▸ Exercise brief:
Each line of the data must be given back verbatim, with pictures removed.

▸ Data listing:
★ ★ ★ ★ ★ ★ ★

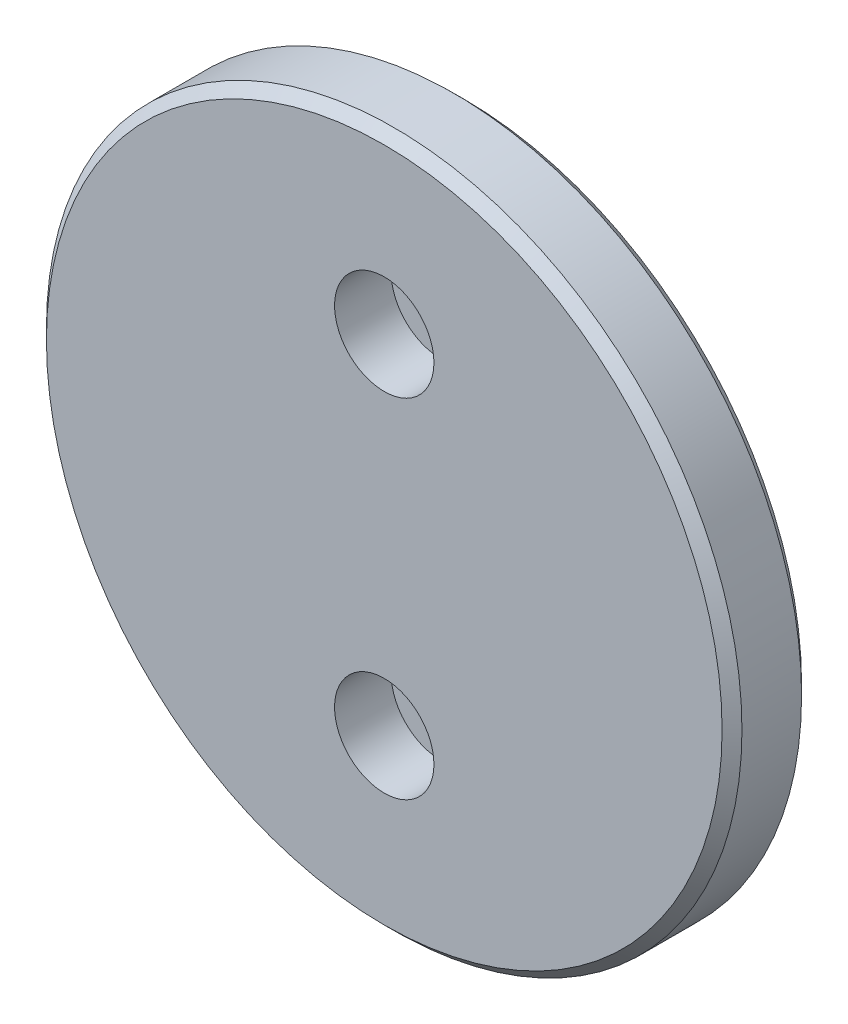
from build123d import *

# Parameters (mm, degrees)
SKETCH_1_R                = 35
EXTRUDE_1_DEPTH           = 8
HOLE_WIZARD_1_D           = 5.5
HOLE_WIZARD_1_CBORE_D     = 10
HOLE_WIZARD_1_CBORE_DEPTH = 5.7
CHAMFER_1_SIZE            = 1


with BuildPart() as part:
    # 草图1 → 凸台-拉伸1 (new body)
    with BuildSketch(Plane.XY):
        Circle(SKETCH_1_R)
    extrude(amount=EXTRUDE_1_DEPTH)

    # 打孔尺寸根据内六角圆柱头螺钉的类型1 (through all)
    with Locations(Plane.XY.offset(8)):
        with Locations((0, 17.5), (0, -17.5)):
            CounterBoreHole(HOLE_WIZARD_1_D / 2, HOLE_WIZARD_1_CBORE_D / 2, HOLE_WIZARD_1_CBORE_DEPTH)

    # 倒角1
    chamfer_1_edges = [part.edges().sort_by_distance(p)[0] for p in [
        (-35, 0, 0),
        (-35, 0, 8),
    ]]
    chamfer(chamfer_1_edges, length=CHAMFER_1_SIZE)


solid = part.part
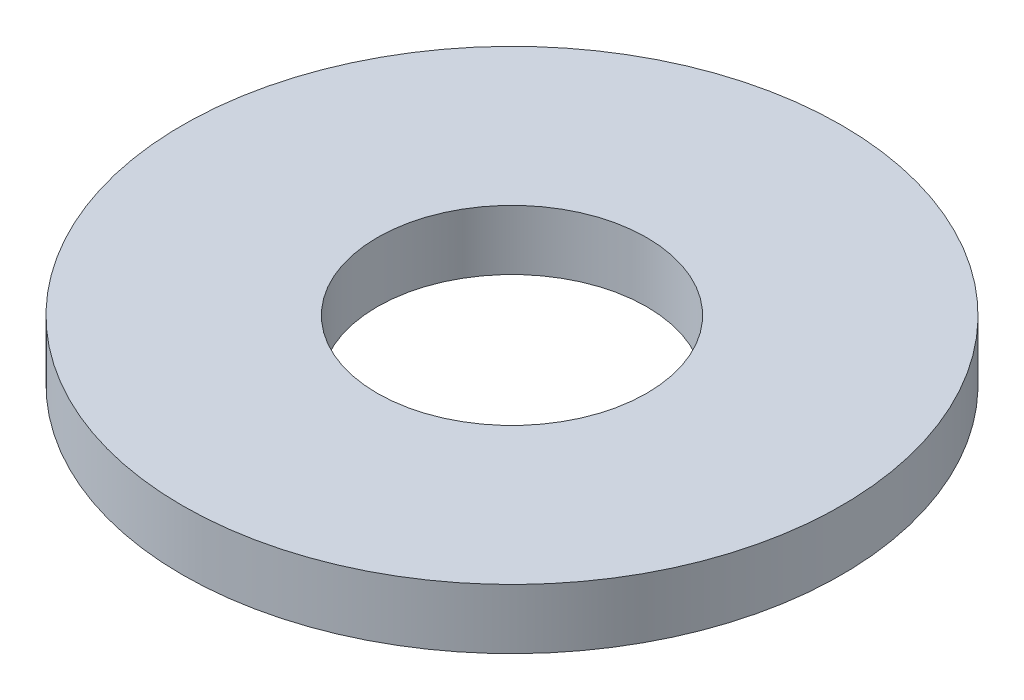
from build123d import *

# Parameters (mm, degrees)
SKETCH_1_R      = 110
SKETCH_1_R_2    = 45
EXTRUDE_1_DEPTH = 20


with BuildPart() as part:
    # 草图1 → 凸台-拉伸1 (new body)
    with BuildSketch(Plane(origin=(0, 0, 0), x_dir=(1, 0, 0), z_dir=(0, 1, 0))):
        with Locations(Location((0, 0, 0), (0, 0, 270))):
            Circle(SKETCH_1_R)
        with Locations(Location((0, 0, 0), (0, 0, 270))):
            Circle(SKETCH_1_R_2, mode=Mode.SUBTRACT)
    extrude(amount=EXTRUDE_1_DEPTH)


solid = part.part

★ ★ ★ ★ ★ ★ ★

▸ Expected answer:
from build123d import *

# Parameters (mm, degrees)
SKETCH_1_R                = 35
EXTRUDE_1_DEPTH           = 8
HOLE_WIZARD_1_D           = 5.5
HOLE_WIZARD_1_CBORE_D     = 10
HOLE_WIZARD_1_CBORE_DEPTH = 5.7
CHAMFER_1_SIZE            = 1


with BuildPart() as part:
    # 草图1 → 凸台-拉伸1 (new body)
    with BuildSketch(Plane.XY):
        Circle(SKETCH_1_R)
    extrude(amount=EXTRUDE_1_DEPTH)

    # 打孔尺寸根据内六角圆柱头螺钉的类型1 (through all)
    with Locations(Plane.XY.offset(8)):
        with Locations((0, 17.5), (0, -17.5)):
            CounterBoreHole(HOLE_WIZARD_1_D / 2, HOLE_WIZARD_1_CBORE_D / 2, HOLE_WIZARD_1_CBORE_DEPTH)

    # 倒角1
    chamfer_1_edges = [part.edges().sort_by_distance(p)[0] for p in [
        (-35, 0, 0),
        (-35, 0, 8),
    ]]
    chamfer(chamfer_1_edges, length=CHAMFER_1_SIZE)


solid = part.part
from build123d import *

# Parameters (mm, degrees)
SKETCH_1_R      = 110
SKETCH_1_R_2    = 45
EXTRUDE_1_DEPTH = 20


with BuildPart() as part:
    # 草图1 → 凸台-拉伸1 (new body)
    with BuildSketch(Plane(origin=(0, 0, 0), x_dir=(1, 0, 0), z_dir=(0, 1, 0))):
        with Locations(Location((0, 0, 0), (0, 0, 270))):
            Circle(SKETCH_1_R)
        with Locations(Location((0, 0, 0), (0, 0, 270))):
            Circle(SKETCH_1_R_2, mode=Mode.SUBTRACT)
    extrude(amount=EXTRUDE_1_DEPTH)


solid = part.part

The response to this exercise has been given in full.